Items listed in a dataset
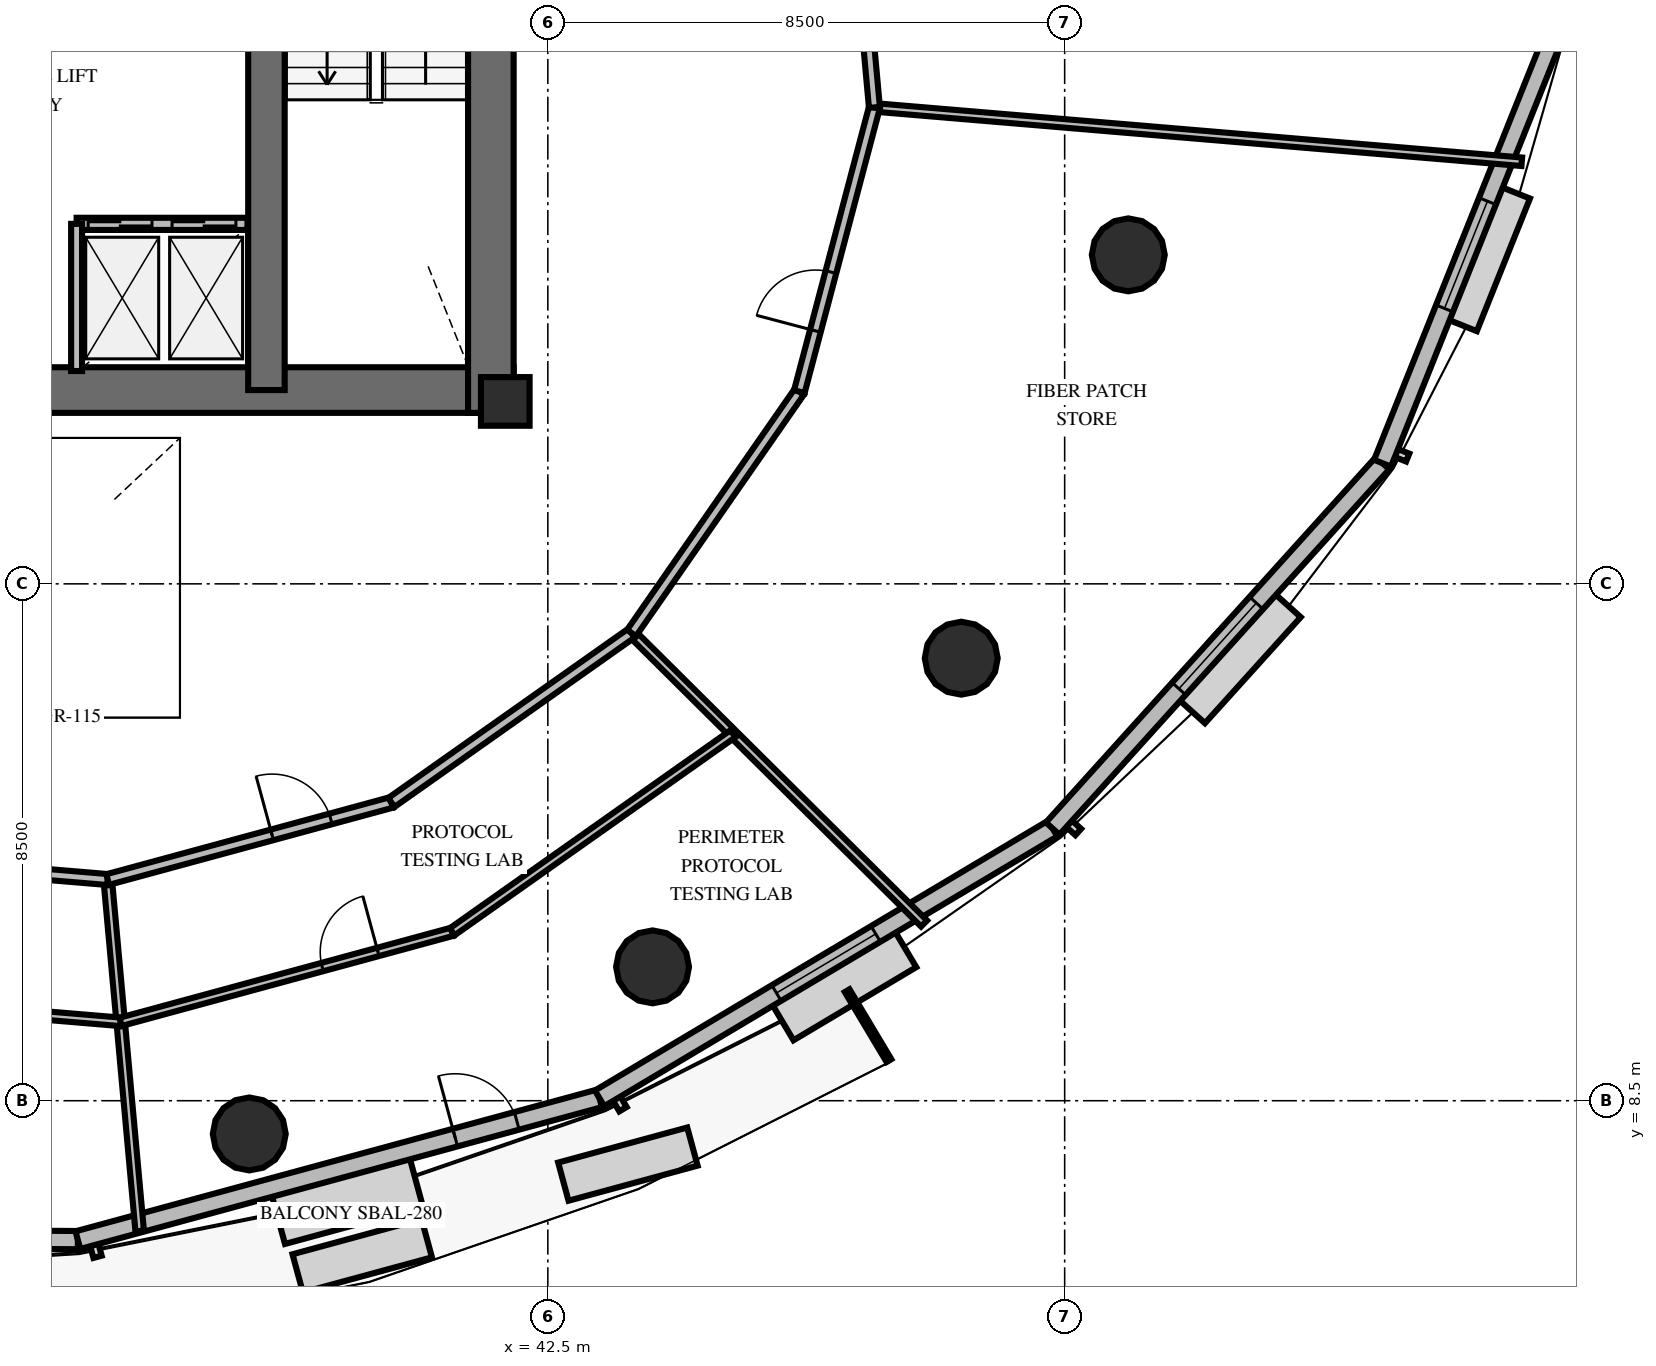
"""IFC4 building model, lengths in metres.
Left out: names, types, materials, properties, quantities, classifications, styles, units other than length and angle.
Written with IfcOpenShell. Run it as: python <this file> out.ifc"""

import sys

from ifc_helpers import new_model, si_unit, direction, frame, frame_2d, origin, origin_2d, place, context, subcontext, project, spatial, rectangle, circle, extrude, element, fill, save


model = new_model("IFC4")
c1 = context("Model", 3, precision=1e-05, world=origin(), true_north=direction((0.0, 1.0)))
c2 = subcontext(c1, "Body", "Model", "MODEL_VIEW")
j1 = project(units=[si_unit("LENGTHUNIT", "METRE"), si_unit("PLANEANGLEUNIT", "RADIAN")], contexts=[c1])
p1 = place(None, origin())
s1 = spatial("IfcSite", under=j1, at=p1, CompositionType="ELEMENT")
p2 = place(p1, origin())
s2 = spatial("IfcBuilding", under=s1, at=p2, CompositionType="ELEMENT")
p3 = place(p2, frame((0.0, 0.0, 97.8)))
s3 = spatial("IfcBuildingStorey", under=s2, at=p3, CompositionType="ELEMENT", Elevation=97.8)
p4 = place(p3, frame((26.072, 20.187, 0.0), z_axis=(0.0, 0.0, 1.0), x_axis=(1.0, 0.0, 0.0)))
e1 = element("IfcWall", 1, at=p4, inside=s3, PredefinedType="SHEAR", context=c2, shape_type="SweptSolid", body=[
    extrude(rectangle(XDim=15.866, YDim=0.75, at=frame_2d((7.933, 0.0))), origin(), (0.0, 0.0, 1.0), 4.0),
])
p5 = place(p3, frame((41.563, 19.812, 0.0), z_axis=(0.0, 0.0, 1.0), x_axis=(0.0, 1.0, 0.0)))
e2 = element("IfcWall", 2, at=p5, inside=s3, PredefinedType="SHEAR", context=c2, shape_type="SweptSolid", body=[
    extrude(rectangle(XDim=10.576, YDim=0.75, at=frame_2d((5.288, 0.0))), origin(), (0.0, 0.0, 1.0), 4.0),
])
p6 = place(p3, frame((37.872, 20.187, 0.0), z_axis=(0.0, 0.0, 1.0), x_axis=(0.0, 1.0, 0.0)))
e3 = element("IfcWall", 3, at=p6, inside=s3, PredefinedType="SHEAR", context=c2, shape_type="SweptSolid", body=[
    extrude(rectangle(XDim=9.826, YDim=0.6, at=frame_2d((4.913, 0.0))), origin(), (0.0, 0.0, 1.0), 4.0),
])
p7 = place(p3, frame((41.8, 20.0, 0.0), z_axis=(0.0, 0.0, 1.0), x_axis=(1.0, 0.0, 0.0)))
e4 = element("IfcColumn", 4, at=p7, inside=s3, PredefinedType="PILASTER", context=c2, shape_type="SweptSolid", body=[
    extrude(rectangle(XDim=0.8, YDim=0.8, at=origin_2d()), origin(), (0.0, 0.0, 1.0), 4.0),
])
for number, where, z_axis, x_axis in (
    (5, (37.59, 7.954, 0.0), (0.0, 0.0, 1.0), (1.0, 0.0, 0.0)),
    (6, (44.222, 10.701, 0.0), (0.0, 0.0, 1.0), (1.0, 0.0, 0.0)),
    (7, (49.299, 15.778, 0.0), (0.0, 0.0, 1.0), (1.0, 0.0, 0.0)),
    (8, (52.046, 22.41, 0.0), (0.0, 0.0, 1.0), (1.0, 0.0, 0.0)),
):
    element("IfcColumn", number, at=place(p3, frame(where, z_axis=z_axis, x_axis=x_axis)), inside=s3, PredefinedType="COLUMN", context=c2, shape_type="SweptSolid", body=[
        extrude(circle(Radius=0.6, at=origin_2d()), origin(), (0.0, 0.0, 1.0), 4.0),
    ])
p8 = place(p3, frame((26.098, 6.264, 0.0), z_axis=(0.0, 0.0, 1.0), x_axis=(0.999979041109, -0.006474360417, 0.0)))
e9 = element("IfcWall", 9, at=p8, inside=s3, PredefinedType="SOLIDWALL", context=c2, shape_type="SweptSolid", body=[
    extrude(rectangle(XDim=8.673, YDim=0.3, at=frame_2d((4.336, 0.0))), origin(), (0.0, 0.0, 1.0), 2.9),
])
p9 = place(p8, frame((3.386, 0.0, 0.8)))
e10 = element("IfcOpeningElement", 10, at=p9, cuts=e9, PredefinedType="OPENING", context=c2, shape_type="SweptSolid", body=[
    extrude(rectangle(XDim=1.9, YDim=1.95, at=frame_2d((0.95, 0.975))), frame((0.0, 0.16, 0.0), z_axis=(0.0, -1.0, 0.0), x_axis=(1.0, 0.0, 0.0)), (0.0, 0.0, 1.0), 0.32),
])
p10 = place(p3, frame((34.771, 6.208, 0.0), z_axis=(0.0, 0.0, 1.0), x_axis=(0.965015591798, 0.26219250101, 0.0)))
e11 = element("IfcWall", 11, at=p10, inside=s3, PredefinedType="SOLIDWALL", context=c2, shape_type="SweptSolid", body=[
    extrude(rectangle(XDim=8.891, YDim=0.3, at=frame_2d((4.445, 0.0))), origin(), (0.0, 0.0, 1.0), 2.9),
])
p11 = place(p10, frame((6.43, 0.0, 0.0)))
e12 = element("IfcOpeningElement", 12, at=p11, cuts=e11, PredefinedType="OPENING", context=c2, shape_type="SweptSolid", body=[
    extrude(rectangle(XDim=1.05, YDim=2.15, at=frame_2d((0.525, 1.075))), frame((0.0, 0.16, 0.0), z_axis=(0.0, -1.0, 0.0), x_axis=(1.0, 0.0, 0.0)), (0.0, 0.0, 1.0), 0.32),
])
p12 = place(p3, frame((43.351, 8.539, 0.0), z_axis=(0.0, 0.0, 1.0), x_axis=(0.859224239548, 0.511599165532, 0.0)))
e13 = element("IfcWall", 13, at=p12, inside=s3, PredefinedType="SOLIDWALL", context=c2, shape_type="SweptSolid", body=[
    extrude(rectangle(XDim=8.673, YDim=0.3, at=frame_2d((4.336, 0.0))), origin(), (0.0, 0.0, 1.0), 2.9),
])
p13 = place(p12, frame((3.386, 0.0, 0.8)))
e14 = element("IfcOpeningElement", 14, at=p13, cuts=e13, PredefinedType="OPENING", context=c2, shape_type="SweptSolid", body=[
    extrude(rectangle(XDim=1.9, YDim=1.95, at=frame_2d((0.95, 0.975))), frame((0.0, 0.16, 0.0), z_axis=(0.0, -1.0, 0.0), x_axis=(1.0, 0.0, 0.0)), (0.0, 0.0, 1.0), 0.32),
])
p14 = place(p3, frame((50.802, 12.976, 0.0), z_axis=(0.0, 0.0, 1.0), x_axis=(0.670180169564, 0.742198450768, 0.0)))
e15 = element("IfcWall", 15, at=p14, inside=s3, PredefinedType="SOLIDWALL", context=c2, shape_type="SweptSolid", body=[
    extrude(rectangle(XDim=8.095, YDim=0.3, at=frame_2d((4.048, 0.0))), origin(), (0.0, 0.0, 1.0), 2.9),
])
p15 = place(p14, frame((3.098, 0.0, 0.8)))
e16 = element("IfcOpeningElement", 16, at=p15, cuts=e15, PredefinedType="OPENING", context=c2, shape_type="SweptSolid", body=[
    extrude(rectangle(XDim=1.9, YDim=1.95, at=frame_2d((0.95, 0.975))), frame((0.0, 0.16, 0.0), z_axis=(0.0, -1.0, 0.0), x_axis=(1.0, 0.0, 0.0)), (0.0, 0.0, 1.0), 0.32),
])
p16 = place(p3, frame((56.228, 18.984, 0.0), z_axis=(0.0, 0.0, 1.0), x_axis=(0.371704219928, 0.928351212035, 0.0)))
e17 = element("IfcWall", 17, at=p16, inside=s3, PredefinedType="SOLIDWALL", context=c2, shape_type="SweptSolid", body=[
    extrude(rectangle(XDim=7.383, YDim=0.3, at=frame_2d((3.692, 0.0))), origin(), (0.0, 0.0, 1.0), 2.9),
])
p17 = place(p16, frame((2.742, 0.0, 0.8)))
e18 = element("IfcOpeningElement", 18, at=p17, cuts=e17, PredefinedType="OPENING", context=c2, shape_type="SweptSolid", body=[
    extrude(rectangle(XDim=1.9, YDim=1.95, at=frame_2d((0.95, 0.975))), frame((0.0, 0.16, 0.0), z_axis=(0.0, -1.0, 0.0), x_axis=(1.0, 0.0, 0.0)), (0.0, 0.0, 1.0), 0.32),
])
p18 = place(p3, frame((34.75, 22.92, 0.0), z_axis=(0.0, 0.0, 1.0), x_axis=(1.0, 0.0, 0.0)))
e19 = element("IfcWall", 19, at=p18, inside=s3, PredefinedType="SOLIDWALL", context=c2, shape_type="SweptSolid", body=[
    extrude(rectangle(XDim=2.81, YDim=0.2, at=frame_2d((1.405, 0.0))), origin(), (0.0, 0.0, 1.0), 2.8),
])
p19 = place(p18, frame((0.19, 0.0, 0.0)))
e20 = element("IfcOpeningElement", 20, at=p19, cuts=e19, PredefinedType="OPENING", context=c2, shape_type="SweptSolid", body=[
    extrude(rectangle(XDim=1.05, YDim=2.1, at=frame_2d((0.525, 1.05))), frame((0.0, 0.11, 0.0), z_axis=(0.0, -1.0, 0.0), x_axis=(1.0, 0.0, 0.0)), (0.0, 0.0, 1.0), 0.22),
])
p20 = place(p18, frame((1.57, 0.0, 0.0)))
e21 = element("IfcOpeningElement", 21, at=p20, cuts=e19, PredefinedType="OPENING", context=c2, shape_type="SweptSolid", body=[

## What to work on
Within the records above, determine the number of lines that hold the word "CompositionType" and return only that value.

## Answer to this problem
3